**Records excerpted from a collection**

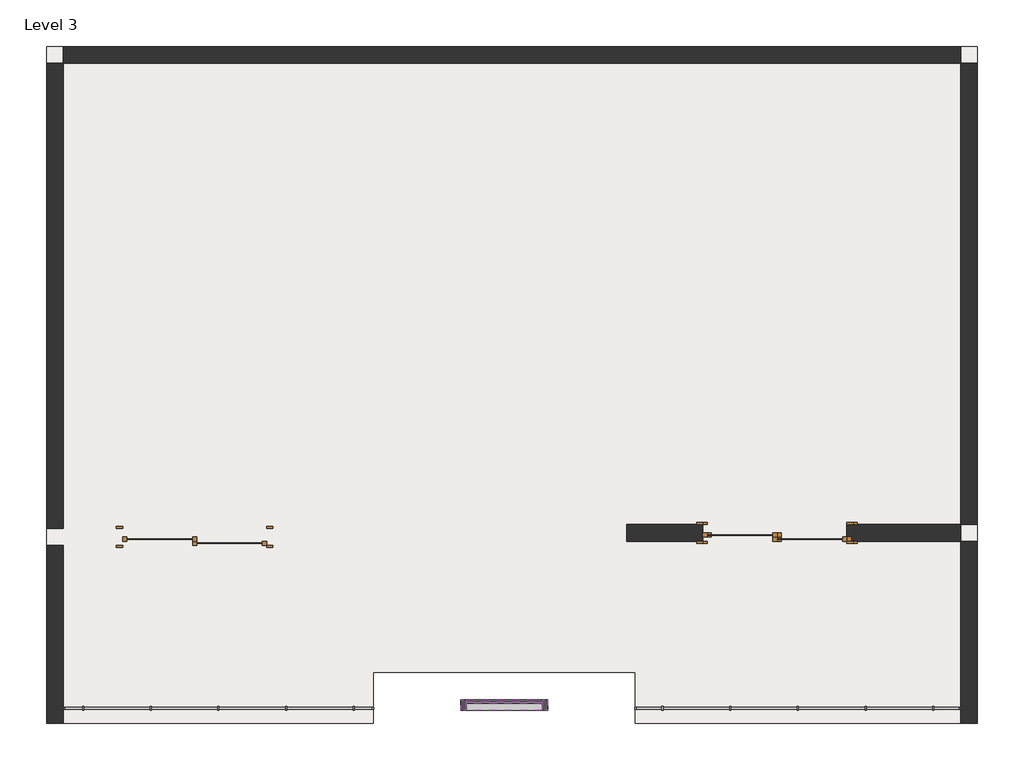
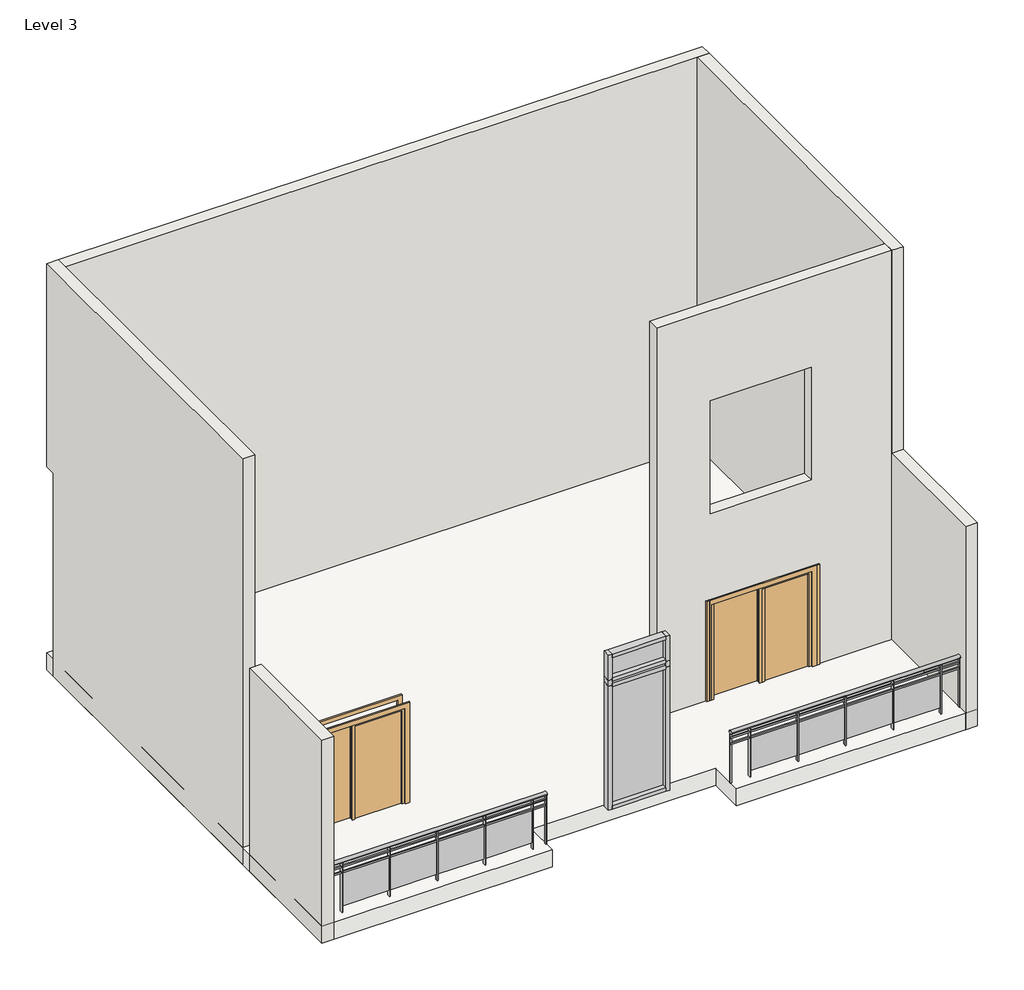
# One storey: 10 members, 6 walls, 3 doors, 3 plates, 2 railings, 1 roof.
"""IFC4 building model written with IfcOpenShell, lengths in millimetres."""

from ifc_helpers import new_model, si_unit, point, frame, origin, place, context, project, spatial, polyline, ellipse_curve, trimmed, outline, extrude, faceted_brep, transform, mapped, element, save
from ifc_brep_helpers import plane_surface, extruded_surface, advanced_brep
from components import door_076b30e0, member_d1708325, member_fb13da3b, member_15823cb3, member_73c23c35, member_410c6227, system_panel_glazed_14bb7e7b, system_panel_glazed_bdb1f896, system_panel_glazed_8073c085

model = new_model("IFC4")

# Units and contexts
model_context = context("Model", 3, world=origin())
ifc_project = project(units=[si_unit("LENGTHUNIT", "METRE", prefix="MILLI")], contexts=[model_context])

# Site, building, storey
site = spatial("IfcSite", under=ifc_project)
building = spatial("IfcBuilding", under=site)
storey = spatial("IfcBuildingStorey", under=building, Name="Level 3", Elevation=7315.2)

# Doors
placement = place(None, origin())
door_shape = door_076b30e0(model_context)
element("IfcDoor", 1, ObjectType="Door-Double-Sliding : 68\" x 80\"", at=placement, inside=storey, context=model_context, shape_type="MappedRepresentation", body=[
    mapped(door_shape, transform((-2271.8087885, 3717.6236997, 7315.2), x_axis=(-1.0, 0.0, 0.0), y_axis=(0.0, -1.0, 0.0), z_axis=(0.0, 0.0, 1.0))),
])
element("IfcDoor", 2, ObjectType="Door-Double-Sliding : 68\" x 80\"", at=placement, inside=storey, context=model_context, shape_type="MappedRepresentation", body=[
    mapped(door_shape, transform((-2221.0087885, 3717.6236997, 7315.2), x_axis=(-1.0, 0.0, 0.0), y_axis=(0.0, -1.0, 0.0), z_axis=(0.0, 0.0, 1.0))),
])
element("IfcDoor", 3, ObjectType="Door-Double-Sliding : 68\" x 80\"", at=placement, inside=storey, context=model_context, shape_type="MappedRepresentation", body=[
    mapped(door_shape, transform((-9238.1183714, 3666.8236997, 7315.2), x_axis=(-1.0, 0.0, 0.0), y_axis=(0.0, -1.0, 0.0), z_axis=(0.0, 0.0, 1.0))),
])

# Members
member_shape = member_d1708325(model_context)
element("IfcMember", 4, ObjectType="Rectangular Mullion : 2.5\" x 5\" rectangular", at=placement, inside=storey, context=model_context, shape_type="MappedRepresentation", body=[
    mapped(member_shape, transform((-6041.6537147, 1520.5236997, 10109.2), x_axis=(-1.0, 0.0, 0.0), y_axis=(0.0, -1.0, 0.0), z_axis=(0.0, 0.0, 1.0))),
])
member_2_shape = member_fb13da3b(model_context)
element("IfcMember", 5, ObjectType="Rectangular Mullion : 2.5\" x 5\" rectangular", at=placement, inside=storey, context=model_context, shape_type="MappedRepresentation", body=[
    mapped(member_2_shape, transform((-6041.6537147, 1520.5236997, 10210.8), x_axis=(-1.0, 0.0, 0.0), y_axis=(0.0, -1.0, 0.0), z_axis=(0.0, 0.0, 1.0))),
])
member_3_shape = member_15823cb3(model_context)
element("IfcMember", 6, ObjectType="Rectangular Mullion : 2.5\" x 5\" rectangular", at=placement, inside=storey, context=model_context, shape_type="MappedRepresentation", body=[
    mapped(member_3_shape, transform((-6041.6537147, 1520.5236997, 10668.0), x_axis=(-1.0, 0.0, 0.0), y_axis=(0.0, -1.0, 0.0), z_axis=(0.0, 0.0, 1.0))),
])
member_4_shape = member_73c23c35(model_context)
element("IfcMember", 7, ObjectType="Rectangular Mullion : 2.5\" x 5\" rectangular", at=placement, inside=storey, context=model_context, shape_type="MappedRepresentation", body=[
    mapped(member_4_shape, transform((-5978.1537147, 1520.5236997, 7874.0), x_axis=(0.0, 0.0, -1.0), y_axis=(0.0, -1.0, 0.0), z_axis=(-1.0, 0.0, 0.0))),
])
member_5_shape = member_410c6227(model_context)
element("IfcMember", 8, ObjectType="Rectangular Mullion : 2.5\" x 5\" rectangular", at=placement, inside=storey, context=model_context, shape_type="MappedRepresentation", body=[
    mapped(member_5_shape, transform((-5063.7537147, 1520.5236997, 10109.2), x_axis=(0.0, 0.0, 1.0), y_axis=(0.0, -1.0, 0.0), z_axis=(1.0, 0.0, 0.0))),
])
element("IfcMember", 9, ObjectType="Rectangular Mullion : 2.5\" x 5\" rectangular", at=placement, inside=storey, context=model_context, shape_type="MappedRepresentation", body=[
    mapped(member_5_shape, transform((-5063.7537147, 1520.5236997, 10210.8), x_axis=(0.0, 0.0, 1.0), y_axis=(0.0, -1.0, 0.0), z_axis=(1.0, 0.0, 0.0))),
])
element("IfcMember", 10, ObjectType="Rectangular Mullion : 2.5\" x 5\" rectangular", at=placement, inside=storey, context=model_context, shape_type="MappedRepresentation", body=[
    mapped(member_4_shape, transform((-5063.7537147, 1520.5236997, 10668.0), x_axis=(0.0, 0.0, 1.0), y_axis=(0.0, -1.0, 0.0), z_axis=(1.0, 0.0, 0.0))),
])
element("IfcMember", 11, ObjectType="Rectangular Mullion : 2.5\" x 5\" rectangular", at=placement, inside=storey, context=model_context, shape_type="MappedRepresentation", body=[
    mapped(member_2_shape, transform((-5000.2537147, 1520.5236997, 10109.2), x_axis=(1.0, 0.0, 0.0), y_axis=(0.0, -1.0, 0.0), z_axis=(0.0, 0.0, -1.0))),
])
element("IfcMember", 12, ObjectType="Rectangular Mullion : 2.5\" x 5\" rectangular", at=placement, inside=storey, context=model_context, shape_type="MappedRepresentation", body=[
    mapped(member_3_shape, transform((-5000.2537147, 1520.5236997, 10210.8), x_axis=(1.0, 0.0, 0.0), y_axis=(0.0, -1.0, 0.0), z_axis=(0.0, 0.0, -1.0))),
])
element("IfcMember", 13, ObjectType="Rectangular Mullion : 2.5\" x 5\" rectangular", at=placement, inside=storey, context=model_context, shape_type="MappedRepresentation", body=[
    mapped(member_shape, transform((-5000.2537147, 1520.5236997, 7874.0), x_axis=(1.0, 0.0, 0.0), y_axis=(0.0, -1.0, 0.0), z_axis=(0.0, 0.0, -1.0))),
])

# Plates
system_panel_glazed_shape = system_panel_glazed_14bb7e7b(model_context)
element("IfcPlate", 14, ObjectType="System Panel : Glazed", at=placement, inside=storey, context=model_context, shape_type="MappedRepresentation", body=[
    mapped(system_panel_glazed_shape, transform((-5520.9537147, 1520.5236997, 7937.5), x_axis=(1.0, 0.0, 0.0), y_axis=(0.0, 1.0, 0.0), z_axis=(0.0, 0.0, 1.0))),
])
system_panel_glazed_2_shape = system_panel_glazed_bdb1f896(model_context)
element("IfcPlate", 15, ObjectType="System Panel : Glazed", at=placement, inside=storey, context=model_context, shape_type="MappedRepresentation", body=[
    mapped(system_panel_glazed_2_shape, transform((-5520.9537147, 1520.5236997, 10242.55), x_axis=(1.0, 0.0, 0.0), y_axis=(0.0, 1.0, 0.0), z_axis=(0.0, 0.0, 1.0))),
])
system_panel_glazed_3_shape = system_panel_glazed_8073c085(model_context)
element("IfcPlate", 16, ObjectType="System Panel : Glazed", at=placement, inside=storey, context=model_context, shape_type="MappedRepresentation", body=[
    mapped(system_panel_glazed_3_shape, transform((-5520.9537147, 1520.5236997, 10140.95), x_axis=(1.0, 0.0, 0.0), y_axis=(0.0, 1.0, 0.0), z_axis=(0.0, 0.0, 1.0))),
])

# Railings
element("IfcRailing", 17, ObjectType="Glass Panel - Bottom Fill", at=placement, inside=storey, context=model_context, shape_type="SolidModel", body=[
    advanced_brep(
    [(-10812.9183714, 1520.5236997, 8534.4), (-10812.9183714, 1444.3236997, 8534.4), (-7091.896639, 1520.5236997, 8534.4), (-7091.896639, 1444.3236997, 8534.4)],
    [
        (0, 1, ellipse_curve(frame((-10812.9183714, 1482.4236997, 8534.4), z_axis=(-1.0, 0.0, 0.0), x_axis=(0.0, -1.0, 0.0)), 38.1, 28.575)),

**Task prompt**
Skip every picture and return the lines above from the top through the one that contains "door_shape = door_076b30e0(model_context)".

**Output for this exercise**
# One storey: 10 members, 6 walls, 3 doors, 3 plates, 2 railings, 1 roof.
"""IFC4 building model written with IfcOpenShell, lengths in millimetres."""

from ifc_helpers import new_model, si_unit, point, frame, origin, place, context, project, spatial, polyline, ellipse_curve, trimmed, outline, extrude, faceted_brep, transform, mapped, element, save
from ifc_brep_helpers import plane_surface, extruded_surface, advanced_brep
from components import door_076b30e0, member_d1708325, member_fb13da3b, member_15823cb3, member_73c23c35, member_410c6227, system_panel_glazed_14bb7e7b, system_panel_glazed_bdb1f896, system_panel_glazed_8073c085

model = new_model("IFC4")

# Units and contexts
model_context = context("Model", 3, world=origin())
ifc_project = project(units=[si_unit("LENGTHUNIT", "METRE", prefix="MILLI")], contexts=[model_context])

# Site, building, storey
site = spatial("IfcSite", under=ifc_project)
building = spatial("IfcBuilding", under=site)
storey = spatial("IfcBuildingStorey", under=building, Name="Level 3", Elevation=7315.2)

# Doors
placement = place(None, origin())
door_shape = door_076b30e0(model_context)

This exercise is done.